BEGIN

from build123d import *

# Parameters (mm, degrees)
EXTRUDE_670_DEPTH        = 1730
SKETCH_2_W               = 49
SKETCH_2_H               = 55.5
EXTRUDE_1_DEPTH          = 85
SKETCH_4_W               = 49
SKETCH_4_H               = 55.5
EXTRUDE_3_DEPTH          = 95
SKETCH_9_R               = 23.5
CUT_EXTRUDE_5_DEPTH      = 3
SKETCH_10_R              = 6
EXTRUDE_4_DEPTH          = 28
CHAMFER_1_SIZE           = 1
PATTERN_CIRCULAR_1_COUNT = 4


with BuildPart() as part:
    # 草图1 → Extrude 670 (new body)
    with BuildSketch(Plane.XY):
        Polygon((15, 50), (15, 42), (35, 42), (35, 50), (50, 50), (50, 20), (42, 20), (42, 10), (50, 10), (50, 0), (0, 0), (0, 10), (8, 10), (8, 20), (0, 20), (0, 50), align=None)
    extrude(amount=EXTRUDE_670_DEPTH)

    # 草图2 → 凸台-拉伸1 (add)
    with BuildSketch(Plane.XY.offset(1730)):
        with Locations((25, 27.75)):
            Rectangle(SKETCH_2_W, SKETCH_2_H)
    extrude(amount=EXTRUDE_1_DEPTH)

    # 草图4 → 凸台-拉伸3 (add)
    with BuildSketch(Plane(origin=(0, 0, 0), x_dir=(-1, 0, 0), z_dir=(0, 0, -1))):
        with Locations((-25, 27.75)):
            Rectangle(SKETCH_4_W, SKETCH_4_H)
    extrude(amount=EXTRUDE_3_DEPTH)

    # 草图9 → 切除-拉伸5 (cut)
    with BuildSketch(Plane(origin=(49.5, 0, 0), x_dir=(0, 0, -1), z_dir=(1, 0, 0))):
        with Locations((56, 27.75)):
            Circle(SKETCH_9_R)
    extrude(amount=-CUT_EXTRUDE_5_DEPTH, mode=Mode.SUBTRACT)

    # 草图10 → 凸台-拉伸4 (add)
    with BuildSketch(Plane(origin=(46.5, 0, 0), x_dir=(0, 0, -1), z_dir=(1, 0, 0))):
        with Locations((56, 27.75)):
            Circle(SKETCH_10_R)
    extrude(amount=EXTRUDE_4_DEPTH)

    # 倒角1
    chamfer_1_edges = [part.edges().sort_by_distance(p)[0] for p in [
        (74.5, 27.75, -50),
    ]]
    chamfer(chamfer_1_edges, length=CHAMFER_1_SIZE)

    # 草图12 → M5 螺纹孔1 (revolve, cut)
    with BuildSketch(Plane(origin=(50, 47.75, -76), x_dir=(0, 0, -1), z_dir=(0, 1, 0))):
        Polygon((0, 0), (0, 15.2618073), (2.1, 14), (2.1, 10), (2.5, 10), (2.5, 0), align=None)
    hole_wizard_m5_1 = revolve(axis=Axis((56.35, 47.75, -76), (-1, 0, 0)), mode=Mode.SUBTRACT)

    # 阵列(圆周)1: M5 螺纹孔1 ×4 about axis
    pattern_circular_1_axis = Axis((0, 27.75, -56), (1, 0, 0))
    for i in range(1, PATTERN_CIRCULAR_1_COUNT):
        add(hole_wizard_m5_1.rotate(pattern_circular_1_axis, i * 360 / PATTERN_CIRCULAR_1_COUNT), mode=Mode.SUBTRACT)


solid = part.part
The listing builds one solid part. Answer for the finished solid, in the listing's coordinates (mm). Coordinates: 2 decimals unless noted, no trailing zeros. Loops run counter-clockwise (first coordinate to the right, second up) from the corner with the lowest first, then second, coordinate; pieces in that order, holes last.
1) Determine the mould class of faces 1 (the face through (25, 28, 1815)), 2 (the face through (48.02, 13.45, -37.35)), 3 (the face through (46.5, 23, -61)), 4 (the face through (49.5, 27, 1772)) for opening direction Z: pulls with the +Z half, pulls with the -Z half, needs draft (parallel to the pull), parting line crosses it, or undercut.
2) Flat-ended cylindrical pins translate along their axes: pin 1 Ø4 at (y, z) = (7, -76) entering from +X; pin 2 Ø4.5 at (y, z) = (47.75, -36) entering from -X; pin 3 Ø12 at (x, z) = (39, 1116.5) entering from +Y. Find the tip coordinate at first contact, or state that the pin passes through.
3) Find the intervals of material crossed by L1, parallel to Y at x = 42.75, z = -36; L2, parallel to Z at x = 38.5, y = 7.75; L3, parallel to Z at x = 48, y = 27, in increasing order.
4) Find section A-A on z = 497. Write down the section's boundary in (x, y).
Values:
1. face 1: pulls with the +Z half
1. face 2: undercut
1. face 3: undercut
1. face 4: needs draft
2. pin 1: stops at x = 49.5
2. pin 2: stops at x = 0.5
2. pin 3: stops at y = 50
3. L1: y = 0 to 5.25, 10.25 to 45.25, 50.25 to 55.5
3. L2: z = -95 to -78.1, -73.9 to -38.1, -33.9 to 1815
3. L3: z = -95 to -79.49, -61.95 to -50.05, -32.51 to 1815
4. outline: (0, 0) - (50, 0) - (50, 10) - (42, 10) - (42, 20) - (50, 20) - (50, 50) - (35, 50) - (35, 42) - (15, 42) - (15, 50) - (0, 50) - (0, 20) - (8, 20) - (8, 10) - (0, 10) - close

END

### Exercise requirements
Which of the lines above hold the string "that"? Pick each of them out.

### Output for this task
The listing builds one solid part. Answer for the finished solid, in the listing's coordinates (mm). Coordinates: 2 decimals unless noted, no trailing zeros. Loops run counter-clockwise (first coordinate to the right, second up) from the corner with the lowest first, then second, coordinate; pieces in that order, holes last.
2) Flat-ended cylindrical pins translate along their axes: pin 1 Ø4 at (y, z) = (7, -76) entering from +X; pin 2 Ø4.5 at (y, z) = (47.75, -36) entering from -X; pin 3 Ø12 at (x, z) = (39, 1116.5) entering from +Y. Find the tip coordinate at first contact, or state that the pin passes through.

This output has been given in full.